**Task requirements:** Repeat exactly, and only, the lines running from the one that holds "8. pin 1: stops at y = 14" to the end of the records.

**Dataset entries:**
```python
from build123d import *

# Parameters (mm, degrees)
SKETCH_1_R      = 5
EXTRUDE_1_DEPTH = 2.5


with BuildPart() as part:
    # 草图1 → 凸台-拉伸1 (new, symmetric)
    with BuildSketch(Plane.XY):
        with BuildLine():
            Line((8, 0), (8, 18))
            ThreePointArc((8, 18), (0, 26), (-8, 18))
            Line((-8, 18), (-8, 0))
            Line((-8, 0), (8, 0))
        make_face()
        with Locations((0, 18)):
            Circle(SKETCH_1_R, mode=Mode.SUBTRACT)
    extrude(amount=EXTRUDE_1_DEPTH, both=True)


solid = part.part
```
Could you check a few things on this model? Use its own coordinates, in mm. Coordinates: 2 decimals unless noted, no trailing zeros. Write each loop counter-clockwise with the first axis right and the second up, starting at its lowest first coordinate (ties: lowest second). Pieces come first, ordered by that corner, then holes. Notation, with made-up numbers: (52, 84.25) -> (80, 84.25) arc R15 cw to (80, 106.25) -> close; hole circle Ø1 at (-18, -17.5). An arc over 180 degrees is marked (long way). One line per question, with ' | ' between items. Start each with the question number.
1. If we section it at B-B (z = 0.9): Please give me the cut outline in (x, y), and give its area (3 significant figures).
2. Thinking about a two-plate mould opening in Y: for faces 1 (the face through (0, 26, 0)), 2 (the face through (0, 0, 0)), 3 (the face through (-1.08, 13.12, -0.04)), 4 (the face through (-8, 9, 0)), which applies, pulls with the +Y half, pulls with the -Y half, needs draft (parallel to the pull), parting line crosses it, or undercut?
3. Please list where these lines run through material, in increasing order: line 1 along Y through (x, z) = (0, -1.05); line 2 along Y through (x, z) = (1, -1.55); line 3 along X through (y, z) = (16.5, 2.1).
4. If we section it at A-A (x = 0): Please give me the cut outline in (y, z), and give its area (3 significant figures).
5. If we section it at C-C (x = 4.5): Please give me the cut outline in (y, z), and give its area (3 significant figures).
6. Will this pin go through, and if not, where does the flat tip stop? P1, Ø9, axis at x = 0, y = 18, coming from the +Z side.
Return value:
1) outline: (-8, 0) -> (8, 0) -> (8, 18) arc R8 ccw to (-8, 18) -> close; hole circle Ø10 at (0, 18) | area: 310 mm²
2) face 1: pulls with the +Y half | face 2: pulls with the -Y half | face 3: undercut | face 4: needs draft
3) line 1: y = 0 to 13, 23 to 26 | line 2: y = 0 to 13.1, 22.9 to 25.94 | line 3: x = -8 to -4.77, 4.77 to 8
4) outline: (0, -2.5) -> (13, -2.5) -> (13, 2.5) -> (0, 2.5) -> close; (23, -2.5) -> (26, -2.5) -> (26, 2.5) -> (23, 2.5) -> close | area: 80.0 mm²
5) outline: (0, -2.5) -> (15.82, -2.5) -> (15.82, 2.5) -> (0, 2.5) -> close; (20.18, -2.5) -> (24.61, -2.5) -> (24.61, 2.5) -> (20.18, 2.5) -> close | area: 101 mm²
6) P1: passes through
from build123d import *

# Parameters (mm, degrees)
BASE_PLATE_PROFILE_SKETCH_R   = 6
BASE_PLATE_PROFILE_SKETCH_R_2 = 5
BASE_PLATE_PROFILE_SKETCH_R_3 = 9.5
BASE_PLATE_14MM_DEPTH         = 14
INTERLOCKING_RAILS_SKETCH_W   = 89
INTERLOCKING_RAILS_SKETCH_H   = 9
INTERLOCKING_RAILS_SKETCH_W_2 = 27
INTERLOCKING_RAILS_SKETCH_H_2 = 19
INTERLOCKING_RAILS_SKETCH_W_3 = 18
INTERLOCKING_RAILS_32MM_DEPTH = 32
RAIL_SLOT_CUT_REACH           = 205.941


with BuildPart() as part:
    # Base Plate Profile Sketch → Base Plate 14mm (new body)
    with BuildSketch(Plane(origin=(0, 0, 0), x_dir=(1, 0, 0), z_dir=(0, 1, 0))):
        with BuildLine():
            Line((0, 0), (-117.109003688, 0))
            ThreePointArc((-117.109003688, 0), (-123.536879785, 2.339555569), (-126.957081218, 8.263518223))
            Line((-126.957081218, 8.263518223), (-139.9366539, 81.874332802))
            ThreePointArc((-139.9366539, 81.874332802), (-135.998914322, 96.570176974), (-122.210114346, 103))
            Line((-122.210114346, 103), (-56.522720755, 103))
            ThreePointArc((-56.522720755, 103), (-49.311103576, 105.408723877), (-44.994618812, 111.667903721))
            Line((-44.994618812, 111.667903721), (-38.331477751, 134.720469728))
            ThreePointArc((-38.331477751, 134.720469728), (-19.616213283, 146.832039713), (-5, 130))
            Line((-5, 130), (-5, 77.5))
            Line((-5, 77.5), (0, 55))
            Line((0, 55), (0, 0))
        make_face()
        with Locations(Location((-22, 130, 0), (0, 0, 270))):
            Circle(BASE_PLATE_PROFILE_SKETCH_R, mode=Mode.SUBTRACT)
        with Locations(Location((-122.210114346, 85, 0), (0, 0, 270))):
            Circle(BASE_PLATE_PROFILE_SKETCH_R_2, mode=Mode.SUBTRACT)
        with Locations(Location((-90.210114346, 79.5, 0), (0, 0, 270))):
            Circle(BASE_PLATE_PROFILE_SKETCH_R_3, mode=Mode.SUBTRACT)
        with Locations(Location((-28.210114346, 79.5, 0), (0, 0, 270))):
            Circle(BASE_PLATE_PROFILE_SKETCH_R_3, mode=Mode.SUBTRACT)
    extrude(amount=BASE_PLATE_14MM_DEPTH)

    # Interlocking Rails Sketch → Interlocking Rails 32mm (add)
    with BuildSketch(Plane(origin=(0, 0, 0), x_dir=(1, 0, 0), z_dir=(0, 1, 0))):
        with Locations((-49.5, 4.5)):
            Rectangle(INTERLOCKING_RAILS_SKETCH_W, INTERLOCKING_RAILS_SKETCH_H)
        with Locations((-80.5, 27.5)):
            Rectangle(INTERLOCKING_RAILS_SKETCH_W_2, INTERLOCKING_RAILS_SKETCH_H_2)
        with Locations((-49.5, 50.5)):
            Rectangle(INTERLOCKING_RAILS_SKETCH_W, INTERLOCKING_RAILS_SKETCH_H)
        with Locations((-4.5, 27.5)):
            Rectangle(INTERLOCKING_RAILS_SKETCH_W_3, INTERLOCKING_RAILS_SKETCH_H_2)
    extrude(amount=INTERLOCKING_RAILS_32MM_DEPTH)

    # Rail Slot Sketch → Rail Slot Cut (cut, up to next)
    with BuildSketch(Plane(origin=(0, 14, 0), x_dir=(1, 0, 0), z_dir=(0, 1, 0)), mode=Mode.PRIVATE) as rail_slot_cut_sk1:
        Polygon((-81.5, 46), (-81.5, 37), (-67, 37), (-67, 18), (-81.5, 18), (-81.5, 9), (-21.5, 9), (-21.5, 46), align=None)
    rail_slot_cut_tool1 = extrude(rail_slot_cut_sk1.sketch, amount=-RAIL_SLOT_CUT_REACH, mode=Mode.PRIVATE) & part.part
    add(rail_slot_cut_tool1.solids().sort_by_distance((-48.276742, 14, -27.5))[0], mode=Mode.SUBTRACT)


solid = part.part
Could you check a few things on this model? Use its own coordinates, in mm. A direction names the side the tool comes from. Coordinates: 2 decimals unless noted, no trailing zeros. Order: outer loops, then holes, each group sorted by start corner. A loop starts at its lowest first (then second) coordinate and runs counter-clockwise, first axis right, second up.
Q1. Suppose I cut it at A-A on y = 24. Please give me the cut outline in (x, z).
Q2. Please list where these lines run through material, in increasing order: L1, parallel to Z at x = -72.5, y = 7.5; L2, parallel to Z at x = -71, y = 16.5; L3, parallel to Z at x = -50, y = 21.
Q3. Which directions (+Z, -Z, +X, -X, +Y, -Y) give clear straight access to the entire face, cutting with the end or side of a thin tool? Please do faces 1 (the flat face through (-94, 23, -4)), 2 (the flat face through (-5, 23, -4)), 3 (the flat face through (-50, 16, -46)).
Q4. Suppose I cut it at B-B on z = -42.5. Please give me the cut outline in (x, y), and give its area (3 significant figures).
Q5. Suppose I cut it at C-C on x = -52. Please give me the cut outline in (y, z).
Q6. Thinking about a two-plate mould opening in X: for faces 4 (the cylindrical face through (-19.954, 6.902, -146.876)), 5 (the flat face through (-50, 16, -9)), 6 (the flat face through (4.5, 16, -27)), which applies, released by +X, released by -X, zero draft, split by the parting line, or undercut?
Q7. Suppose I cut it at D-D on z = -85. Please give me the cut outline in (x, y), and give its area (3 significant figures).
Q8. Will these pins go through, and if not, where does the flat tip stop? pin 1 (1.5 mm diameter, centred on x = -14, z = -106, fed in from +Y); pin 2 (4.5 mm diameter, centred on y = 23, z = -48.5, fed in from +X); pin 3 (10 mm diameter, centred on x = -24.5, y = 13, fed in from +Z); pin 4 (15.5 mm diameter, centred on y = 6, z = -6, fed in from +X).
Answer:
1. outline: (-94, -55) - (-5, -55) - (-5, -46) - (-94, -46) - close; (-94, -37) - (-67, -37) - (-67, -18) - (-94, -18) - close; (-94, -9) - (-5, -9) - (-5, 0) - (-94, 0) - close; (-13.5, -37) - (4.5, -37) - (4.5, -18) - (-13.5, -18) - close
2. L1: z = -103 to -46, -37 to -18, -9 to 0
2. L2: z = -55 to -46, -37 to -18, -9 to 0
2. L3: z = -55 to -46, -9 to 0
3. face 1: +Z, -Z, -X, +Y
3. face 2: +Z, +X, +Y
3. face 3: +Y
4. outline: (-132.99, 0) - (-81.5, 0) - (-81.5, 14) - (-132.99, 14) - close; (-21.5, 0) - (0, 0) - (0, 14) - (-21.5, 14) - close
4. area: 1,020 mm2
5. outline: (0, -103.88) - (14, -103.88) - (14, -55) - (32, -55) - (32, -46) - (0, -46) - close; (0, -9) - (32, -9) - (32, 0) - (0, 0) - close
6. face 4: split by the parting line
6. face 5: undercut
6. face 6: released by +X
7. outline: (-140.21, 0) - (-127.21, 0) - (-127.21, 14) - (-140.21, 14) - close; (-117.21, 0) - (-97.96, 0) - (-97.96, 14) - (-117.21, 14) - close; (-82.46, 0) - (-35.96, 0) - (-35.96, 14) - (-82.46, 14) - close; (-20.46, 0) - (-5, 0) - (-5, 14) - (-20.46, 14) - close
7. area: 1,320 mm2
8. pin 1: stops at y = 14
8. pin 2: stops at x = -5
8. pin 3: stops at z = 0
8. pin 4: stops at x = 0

**Answer to this task:**
8. pin 1: stops at y = 14
8. pin 2: stops at x = -5
8. pin 3: stops at z = 0
8. pin 4: stops at x = 0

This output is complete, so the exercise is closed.